BEGIN
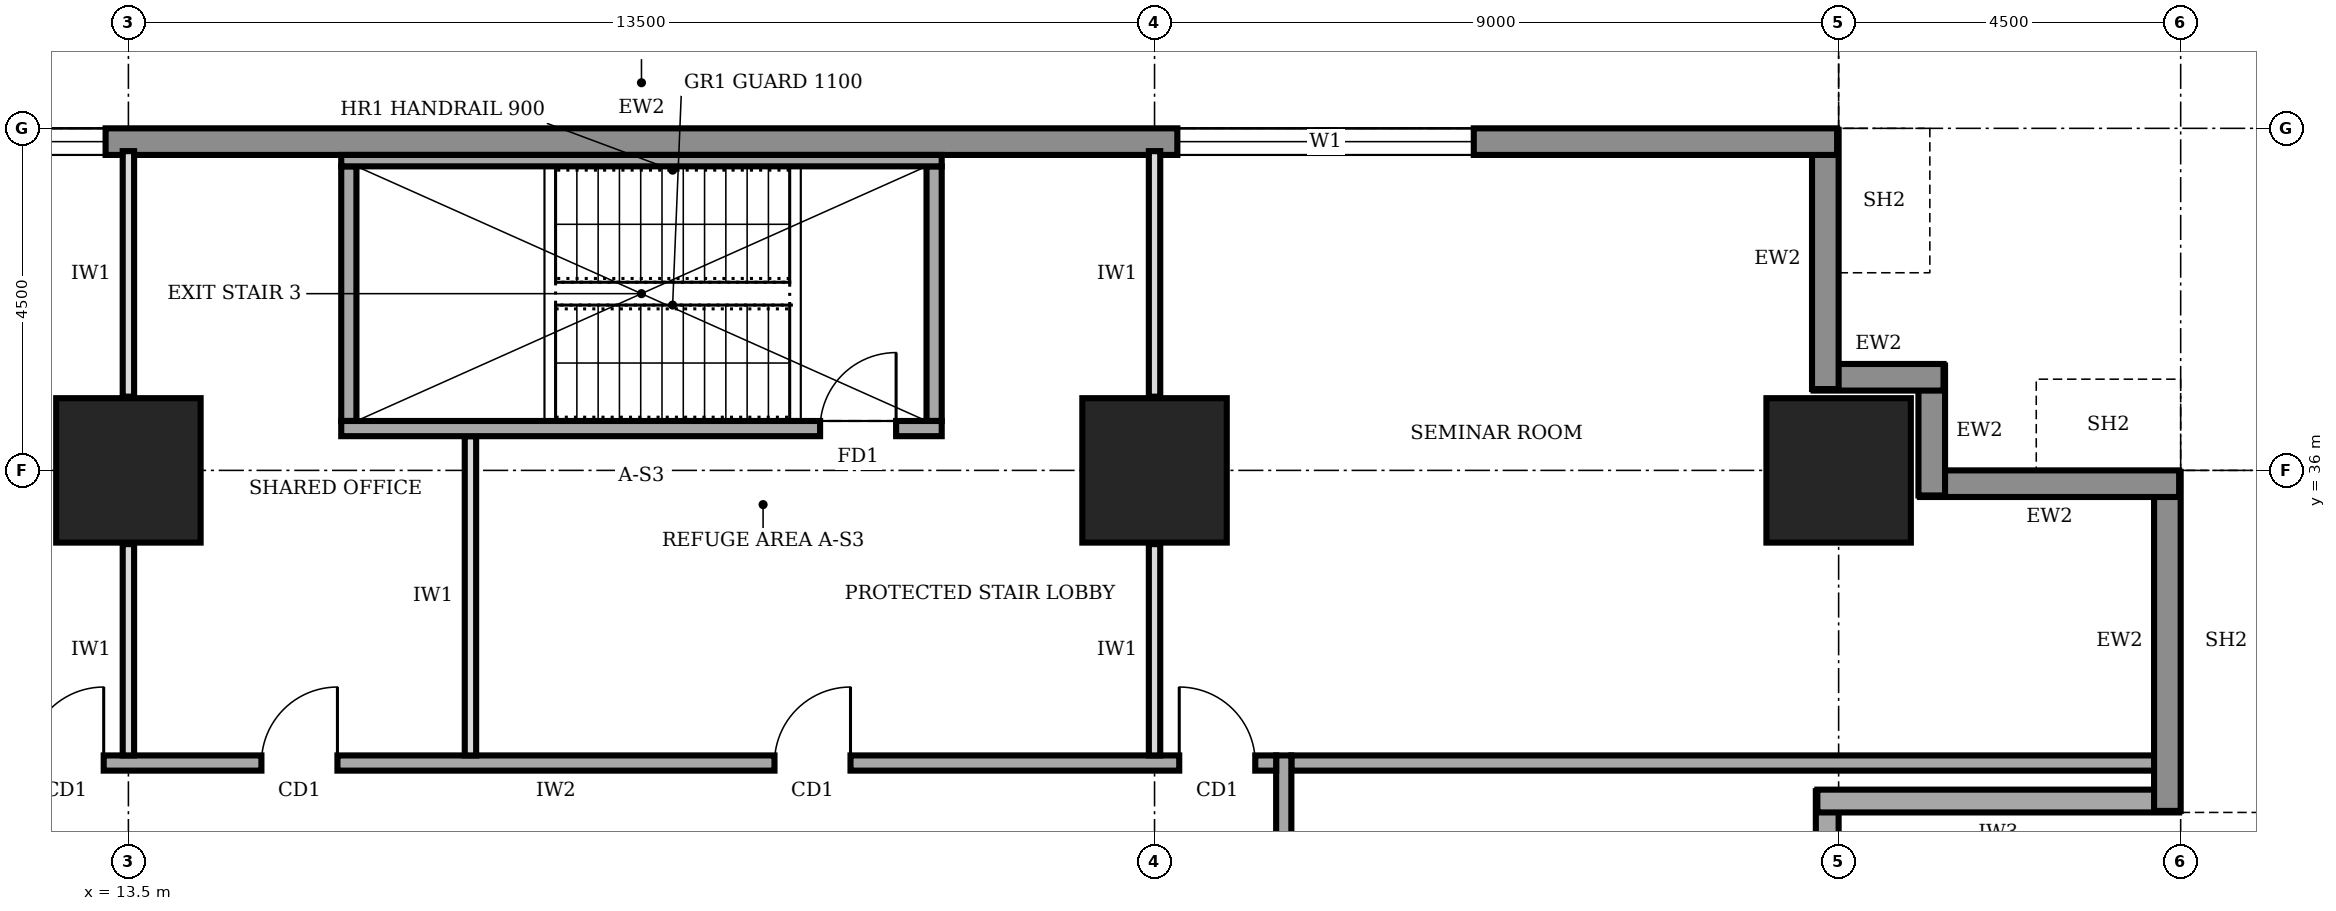
"""IFC4 building model, lengths in metres.
Left out: names, types, materials, properties, quantities, classifications, styles, units other than length and angle.
Written with IfcOpenShell. Run it as: python <this file> out.ifc"""

import sys

from ifc_helpers import new_model, si_unit, direction, frame, frame_2d, origin, origin_2d, place, context, subcontext, project, spatial, rectangle, extrude, element, fill, save


model = new_model("IFC4")
c1 = context("Model", 3, precision=1e-05, world=origin(), true_north=direction((0.0, 1.0)))
c2 = subcontext(c1, "Body", "Model", "MODEL_VIEW")
j1 = project(units=[si_unit("LENGTHUNIT", "METRE"), si_unit("PLANEANGLEUNIT", "RADIAN")], contexts=[c1])
p1 = place(None, origin())
s1 = spatial("IfcSite", under=j1, at=p1, CompositionType="ELEMENT")
p2 = place(p1, origin())
s2 = spatial("IfcBuilding", under=s1, at=p2, CompositionType="ELEMENT")
p3 = place(p2, frame((0.0, 0.0, 105.0)))
s3 = spatial("IfcBuildingStorey", under=s2, at=p3, CompositionType="ELEMENT", Elevation=105.0)
for number, where, z_axis, x_axis in (
    (1, (13.5, 36.0, 0.0), (0.0, 0.0, 1.0), (1.0, 0.0, 0.0)),
    (2, (27.0, 36.0, 0.0), (0.0, 0.0, 1.0), (1.0, 0.0, 0.0)),
    (3, (36.0, 36.0, 0.0), (0.0, 0.0, 1.0), (1.0, 0.0, 0.0)),
):
    element("IfcColumn", number, at=place(p3, frame(where, z_axis=z_axis, x_axis=x_axis)), inside=s3, PredefinedType="COLUMN", context=c2, shape_type="SweptSolid", body=[
        extrude(rectangle(XDim=1.9, YDim=1.9, at=origin_2d()), origin(), (0.0, 0.0, 1.0), 4.0),
    ])
p4 = place(p3, frame((35.85, 30.4, 0.0), z_axis=(0.0, 0.0, 1.0), x_axis=(0.0, 1.0, 0.0)))
e4 = element("IfcWall", 4, at=p4, inside=s3, PredefinedType="SOLIDWALL", context=c2, shape_type="SweptSolid", body=[
    extrude(rectangle(XDim=1.38, YDim=0.3, at=frame_2d((0.69, 0.0))), origin(), (0.0, 0.0, 1.0), 2.65),
])
p5 = place(p3, frame((35.72, 31.65, 0.0), z_axis=(0.0, 0.0, 1.0), x_axis=(1.0, 0.0, 0.0)))
e5 = element("IfcWall", 5, at=p5, inside=s3, PredefinedType="SOLIDWALL", context=c2, shape_type="SweptSolid", body=[
    extrude(rectangle(XDim=4.76, YDim=0.3, at=frame_2d((2.38, 0.0))), origin(), (0.0, 0.0, 1.0), 3.75),
])
p6 = place(p3, frame((40.325, 31.52, 0.0), z_axis=(0.0, 0.0, 1.0), x_axis=(0.0, 1.0, 0.0)))
e6 = element("IfcWall", 6, at=p6, inside=s3, PredefinedType="STANDARD", context=c2, shape_type="SweptSolid", body=[
    extrude(rectangle(XDim=4.46, YDim=0.35, at=frame_2d((2.23, 0.0))), origin(), (0.0, 0.0, 1.0), 3.75),
])
p7 = place(p3, frame((40.48, 35.825, 0.0), z_axis=(0.0, 0.0, 1.0), x_axis=(-1.0, 0.0, 0.0)))
e7 = element("IfcWall", 7, at=p7, inside=s3, PredefinedType="STANDARD", context=c2, shape_type="SweptSolid", body=[
    extrude(rectangle(XDim=3.41, YDim=0.35, at=frame_2d((1.705, 0.0))), origin(), (0.0, 0.0, 1.0), 2.85),
])
for number, where, z_axis, x_axis in (
    (8, (37.225, 35.67, 0.0), (0.0, 0.0, 1.0), (0.0, 1.0, 0.0)),
    (9, (37.38, 37.225, 0.0), (0.0, 0.0, 1.0), (-1.0, 0.0, 0.0)),
):
    element("IfcWall", number, at=place(p3, frame(where, z_axis=z_axis, x_axis=x_axis)), inside=s3, PredefinedType="STANDARD", context=c2, shape_type="SweptSolid", body=[
        extrude(rectangle(XDim=1.71, YDim=0.35, at=frame_2d((0.855, 0.0))), origin(), (0.0, 0.0, 1.0), 3.75),
    ])
p8 = place(p3, frame((35.825, 37.07, 0.0), z_axis=(0.0, 0.0, 1.0), x_axis=(0.0, 1.0, 0.0)))
e10 = element("IfcWall", 10, at=p8, inside=s3, PredefinedType="STANDARD", context=c2, shape_type="SweptSolid", body=[
    extrude(rectangle(XDim=3.41, YDim=0.35, at=frame_2d((1.705, 0.0))), origin(), (0.0, 0.0, 1.0), 2.85),
])
p9 = place(p3, frame((35.98, 40.325, 0.0), z_axis=(0.0, 0.0, 1.0), x_axis=(-1.0, 0.0, 0.0)))
e11 = element("IfcWall", 11, at=p9, inside=s3, PredefinedType="STANDARD", context=c2, shape_type="SweptSolid", body=[
    extrude(rectangle(XDim=31.46, YDim=0.35, at=frame_2d((15.73, 0.0))), origin(), (0.0, 0.0, 1.0), 3.75),
])
p10 = place(p9, frame((27.21, 0.0, 0.9)))
e12 = element("IfcOpeningElement", 12, at=p10, cuts=e11, PredefinedType="OPENING", context=c2, shape_type="SweptSolid", body=[
    extrude(rectangle(XDim=3.9, YDim=2.2, at=frame_2d((1.95, 1.1))), frame((0.0, 0.185, 0.0), z_axis=(0.0, -1.0, 0.0), x_axis=(1.0, 0.0, 0.0)), (0.0, 0.0, 1.0), 0.37),
])
p11 = place(p9, frame((22.78, 0.0, 0.9)))
e13 = element("IfcOpeningElement", 13, at=p11, cuts=e11, PredefinedType="OPENING", context=c2, shape_type="SweptSolid", body=[
    extrude(rectangle(XDim=3.9, YDim=2.2, at=frame_2d((1.95, 1.1))), frame((0.0, 0.185, 0.0), z_axis=(0.0, -1.0, 0.0), x_axis=(1.0, 0.0, 0.0)), (0.0, 0.0, 1.0), 0.37),
])
p12 = place(p9, frame((4.78, 0.0, 0.9)))
e14 = element("IfcOpeningElement", 14, at=p12, cuts=e11, PredefinedType="OPENING", context=c2, shape_type="SweptSolid", body=[
    extrude(rectangle(XDim=3.9, YDim=2.2, at=frame_2d((1.95, 1.1))), frame((0.0, 0.185, 0.0), z_axis=(0.0, -1.0, 0.0), x_axis=(1.0, 0.0, 0.0)), (0.0, 0.0, 1.0), 0.37),
])
p13 = place(p3, frame((28.7, 8.45, 0.0), z_axis=(0.0, 0.0, 1.0), x_axis=(0.0, 1.0, 0.0)))
e15 = element("IfcWall", 15, at=p13, inside=s3, PredefinedType="SOLIDWALL", context=c2, shape_type="SweptSolid", body=[
    extrude(rectangle(XDim=23.8, YDim=0.2, at=frame_2d((11.9, 0.0))), origin(), (0.0, 0.0, 1.0), 3.75),
])
p14 = place(p13, frame((10.9, 0.0, 0.0)))
e16 = element("IfcOpeningElement", 16, at=p14, cuts=e15, PredefinedType="OPENING", context=c2, shape_type="SweptSolid", body=[
    extrude(rectangle(XDim=1.8, YDim=2.1, at=frame_2d((0.9, 1.05))), frame((0.0, 0.11, 0.0), z_axis=(0.0, -1.0, 0.0), x_axis=(1.0, 0.0, 0.0)), (0.0, 0.0, 1.0), 0.22),
])
p15 = place(p3, frame((28.6, 32.15, 0.0), z_axis=(0.0, 0.0, 1.0), x_axis=(-1.0, 0.0, 0.0)))
e17 = element("IfcWall", 17, at=p15, inside=s3, PredefinedType="SOLIDWALL", context=c2, shape_type="SweptSolid", body=[
    extrude(rectangle(XDim=16.9, YDim=0.2, at=frame_2d((8.45, 0.0))), origin(), (0.0, 0.0, 1.0), 3.75),
])
p16 = place(p15, frame((15.425, 0.0, 0.0)))
e18 = element("IfcOpeningElement", 18, at=p16, cuts=e17, PredefinedType="OPENING", context=c2, shape_type="SweptSolid", body=[
    extrude(rectangle(XDim=1.0, YDim=2.1, at=frame_2d((0.5, 1.05))), frame((0.0, 0.11, 0.0), z_axis=(0.0, -1.0, 0.0), x_axis=(1.0, 0.0, 0.0)), (0.0, 0.0, 1.0), 0.22),
])
p17 = place(p15, frame((12.35, 0.0, 0.0)))
e19 = element("IfcOpeningElement", 19, at=p17, cuts=e17, PredefinedType="OPENING", context=c2, shape_type="SweptSolid", body=[
    extrude(rectangle(XDim=1.0, YDim=2.1, at=frame_2d((0.5, 1.05))), frame((0.0, 0.11, 0.0), z_axis=(0.0, -1.0, 0.0), x_axis=(1.0, 0.0, 0.0)), (0.0, 0.0, 1.0), 0.22),
])
p18 = place(p15, frame((5.6, 0.0, 0.0)))
e20 = element("IfcOpeningElement", 20, at=p18, cuts=e17, PredefinedType="OPENING", context=c2, shape_type="SweptSolid", body=[
    extrude(rectangle(XDim=1.0, YDim=2.1, at=frame_2d((0.5, 1.05))), frame((0.0, 0.11, 0.0), z_axis=(0.0, -1.0, 0.0), x_axis=(1.0, 0.0, 0.0)), (0.0, 0.0, 1.0), 0.22),
])
p19 = place(p15, frame((0.275, 0.0, 0.0)))
e21 = element("IfcOpeningElement", 21, at=p19, cuts=e17, PredefinedType="OPENING", context=c2, shape_type="SweptSolid", body=[
    extrude(rectangle(XDim=1.0, YDim=2.1, at=frame_2d((0.5, 1.05))), frame((0.0, 0.11, 0.0), z_axis=(0.0, -1.0, 0.0), x_axis=(1.0, 0.0, 0.0)), (0.0, 0.0, 1.0), 0.22),
])
p20 = place(p3, frame((28.8, 32.15, 0.0), z_axis=(0.0, 0.0, 1.0), x_axis=(1.0, 0.0, 0.0)))
e22 = element("IfcWall", 22, at=p20, inside=s3, PredefinedType="SOLIDWALL", context=c2, shape_type="SweptSolid", body=[
    extrude(rectangle(XDim=11.4, YDim=0.2, at=frame_2d((5.7, 0.0))), origin(), (0.0, 0.0, 1.0), 3.75),
])
p21 = place(p3, frame((13.5, 32.25, 0.0), z_axis=(0.0, 0.0, 1.0), x_axis=(0.0, 1.0, 0.0)))
e23 = element("IfcWall", 23, at=p21, inside=s3, PredefinedType="PARTITIONING", context=c2, shape_type="SweptSolid", body=[
    extrude(rectangle(XDim=2.78, YDim=0.15, at=frame_2d((1.39, 0.0))), origin(), (0.0, 0.0, 1.0), 2.85),
])
p22 = place(p3, frame((13.5, 36.97, 0.0), z_axis=(0.0, 0.0, 1.0), x_axis=(0.0, 1.0, 0.0)))
e24 = element("IfcWall", 24, at=p22, inside=s3, PredefinedType="PARTITIONING", context=c2, shape_type="SweptSolid", body=[
    extrude(rectangle(XDim=3.23, YDim=0.15, at=frame_2d((1.615, 0.0))), origin(), (0.0, 0.0, 1.0), 2.85),
])
p23 = place(p3, frame((18.0, 32.25, 0.0), z_axis=(0.0, 0.0, 1.0), x_axis=(0.0, 1.0, 0.0)))
e25 = element("IfcWall", 25, at=p23, inside=s3, PredefinedType="PARTITIONING", context=c2, shape_type="SweptSolid", body=[
    extrude(rectangle(XDim=4.2, YDim=0.15, at=frame_2d((2.1, 0.0))), origin(), (0.0, 0.0, 1.0), 3.75),
])
p24 = place(p3, frame((27.0, 32.25, 0.0), z_axis=(0.0, 0.0, 1.0), x_axis=(0.0, 1.0, 0.0)))
e26 = element("IfcWall", 26, at=p24, inside=s3, PredefinedType="PARTITIONING", context=c2, shape_type="SweptSolid", body=[
    extrude(rectangle(XDim=2.78, YDim=0.15, at=frame_2d((1.39, 0.0))), origin(), (0.0, 0.0, 1.0), 2.85),
])
p25 = place(p3, frame((27.0, 36.97, 0.0), z_axis=(0.0, 0.0, 1.0), x_axis=(0.0, 1.0, 0.0)))
e27 = element("IfcWall", 27, at=p25, inside=s3, PredefinedType="PARTITIONING", context=c2, shape_type="SweptSolid", body=[
    extrude(rectangle(XDim=3.23, YDim=0.15, at=frame_2d((1.615, 0.0))), origin(), (0.0, 0.0, 1.0), 2.85),
])
p26 = place(p3, frame((16.3, 36.55, 0.0), z_axis=(0.0, 0.0, 1.0), x_axis=(1.0, 0.0, 0.0)))
e28 = element("IfcWall", 28, at=p26, inside=s3, PredefinedType="SOLIDWALL", context=c2, shape_type="SweptSolid", body=[
    extrude(rectangle(XDim=7.9, YDim=0.2, at=frame_2d((3.95, 0.0))), origin(), (0.0, 0.0, 1.0), 3.75),
])
p27 = place(p26, frame((6.3, 0.0, 0.0)))
e29 = element("IfcOpeningElement", 29, at=p27, cuts=e28, PredefinedType="OPENING", context=c2, shape_type="SweptSolid", body=[
    extrude(rectangle(XDim=1.0, YDim=2.1, at=frame_2d((0.5, 1.05))), frame((0.0, 0.11, 0.0), z_axis=(0.0, -1.0, 0.0), x_axis=(1.0, 0.0, 0.0)), (0.0, 0.0, 1.0), 0.22),
])
p28 = place(p3, frame((16.3, 40.075, 0.0), z_axis=(0.0, 0.0, 1.0), x_axis=(1.0, 0.0, 0.0)))
e30 = element("IfcWall", 30, at=p28, inside=s3, PredefinedType="SOLIDWALL", context=c2, shape_type="SweptSolid", body=[
    extrude(rectangle(XDim=7.9, YDim=0.15, at=frame_2d((3.95, 0.0))), origin(), (0.0, 0.0, 1.0), 3.75),
])
for number, where, z_axis, x_axis in (
    (31, (16.4, 36.65, 0.0), (0.0, 0.0, 1.0), (0.0, 1.0, 0.0)),
    (32, (24.1, 36.65, 0.0), (0.0, 0.0, 1.0), (0.0, 1.0, 0.0)),
):
    element("IfcWall", number, at=place(p3, frame(where, z_axis=z_axis, x_axis=x_axis)), inside=s3, PredefinedType="SOLIDWALL", context=c2, shape_type="SweptSolid", body=[
        extrude(rectangle(XDim=3.35, YDim=0.2, at=frame_2d((1.675, 0.0))), origin(), (0.0, 0.0, 1.0), 3.75),
    ])
p29 = place(p11, origin())
e33 = element("IfcWindow", 33, at=p29, inside=s3, PartitioningType="SINGLE_PANEL", PredefinedType="WINDOW", context=c2, shape_type="SweptSolid", body=[
    extrude(rectangle(XDim=3.9, YDim=2.2, at=frame_2d((1.95, 1.1))), frame((0.0, 0.03, 0.0), z_axis=(0.0, -1.0, 0.0), x_axis=(1.0, 0.0, 0.0)), (0.0, 0.0, 1.0), 0.06),
])
fill(e13, e33)
p30 = place(p12, origin())
e34 = element("IfcWindow", 34, at=p30, inside=s3, PartitioningType="SINGLE_PANEL", PredefinedType="WINDOW", context=c2, shape_type="SweptSolid", body=[
    extrude(rectangle(XDim=3.9, YDim=2.2, at=frame_2d((1.95, 1.1))), frame((0.0, 0.03, 0.0), z_axis=(0.0, -1.0, 0.0), x_axis=(1.0, 0.0, 0.0)), (0.0, 0.0, 1.0), 0.06),
])
fill(e14, e34)
p31 = place(p16, frame((1.0, 0.0, 0.0), z_axis=(0.0, 0.0, 1.0), x_axis=(-1.0, 0.0, 0.0)))
e35 = element("IfcDoor", 35, at=p31, inside=s3, OperationType="SINGLE_SWING_RIGHT", PredefinedType="DOOR", context=c2, shape_type="SweptSolid", body=[
    extrude(rectangle(XDim=1.0, YDim=2.1, at=frame_2d((0.5, 1.05))), frame((0.0, 0.025, 0.0), z_axis=(0.0, -1.0, 0.0), x_axis=(1.0, 0.0, 0.0)), (0.0, 0.0, 1.0), 0.05),
])
fill(e18, e35)
p32 = place(p17, frame((1.0, 0.0, 0.0), z_axis=(0.0, 0.0, 1.0), x_axis=(-1.0, 0.0, 0.0)))
e36 = element("IfcDoor", 36, at=p32, inside=s3, OperationType="SINGLE_SWING_RIGHT", PredefinedType="DOOR", context=c2, shape_type="SweptSolid", body=[
    extrude(rectangle(XDim=1.0, YDim=2.1, at=frame_2d((0.5, 1.05))), frame((0.0, 0.025, 0.0), z_axis=(0.0, -1.0, 0.0), x_axis=(1.0, 0.0, 0.0)), (0.0, 0.0, 1.0), 0.05),
])
fill(e19, e36)
p33 = place(p18, frame((1.0, 0.0, 0.0), z_axis=(0.0, 0.0, 1.0), x_axis=(-1.0, 0.0, 0.0)))
e37 = element("IfcDoor", 37, at=p33, inside=s3, OperationType="SINGLE_SWING_RIGHT", PredefinedType="DOOR", context=c2, shape_type="SweptSolid", body=[
    extrude(rectangle(XDim=1.0, YDim=2.1, at=frame_2d((0.5, 1.05))), frame((0.0, 0.025, 0.0), z_axis=(0.0, -1.0, 0.0), x_axis=(1.0, 0.0, 0.0)), (0.0, 0.0, 1.0), 0.05),
])
fill(e20, e37)
p34 = place(p19, frame((1.0, 0.0, 0.0), z_axis=(0.0, 0.0, 1.0), x_axis=(-1.0, 0.0, 0.0)))
e38 = element("IfcDoor", 38, at=p34, inside=s3, OperationType="SINGLE_SWING_LEFT", PredefinedType="DOOR", context=c2, shape_type="SweptSolid", body=[
    extrude(rectangle(XDim=1.0, YDim=2.1, at=frame_2d((0.5, 1.05))), frame((0.0, 0.025, 0.0), z_axis=(0.0, -1.0, 0.0), x_axis=(1.0, 0.0, 0.0)), (0.0, 0.0, 1.0), 0.05),
])
fill(e21, e38)
p35 = place(p27, origin())
e39 = element("IfcDoor", 39, at=p35, inside=s3, OperationType="SINGLE_SWING_RIGHT", PredefinedType="DOOR", context=c2, shape_type="SweptSolid", body=[
    extrude(rectangle(XDim=1.0, YDim=2.1, at=frame_2d((0.5, 1.05))), frame((0.0, 0.025, 0.0), z_axis=(0.0, -1.0, 0.0), x_axis=(1.0, 0.0, 0.0)), (0.0, 0.0, 1.0), 0.05),
])
fill(e29, e39)
save(model, sys.argv[1])
END
◆ **Exercise prompt**
Your answer should be the lines of the records that include the word "fill".

◆ **Written reply**
from ifc_helpers import new_model, si_unit, direction, frame, frame_2d, origin, origin_2d, place, context, subcontext, project, spatial, rectangle, extrude, element, fill, save
fill(e13, e33)
fill(e14, e34)
fill(e18, e35)
fill(e19, e36)
fill(e20, e37)
fill(e21, e38)
fill(e29, e39)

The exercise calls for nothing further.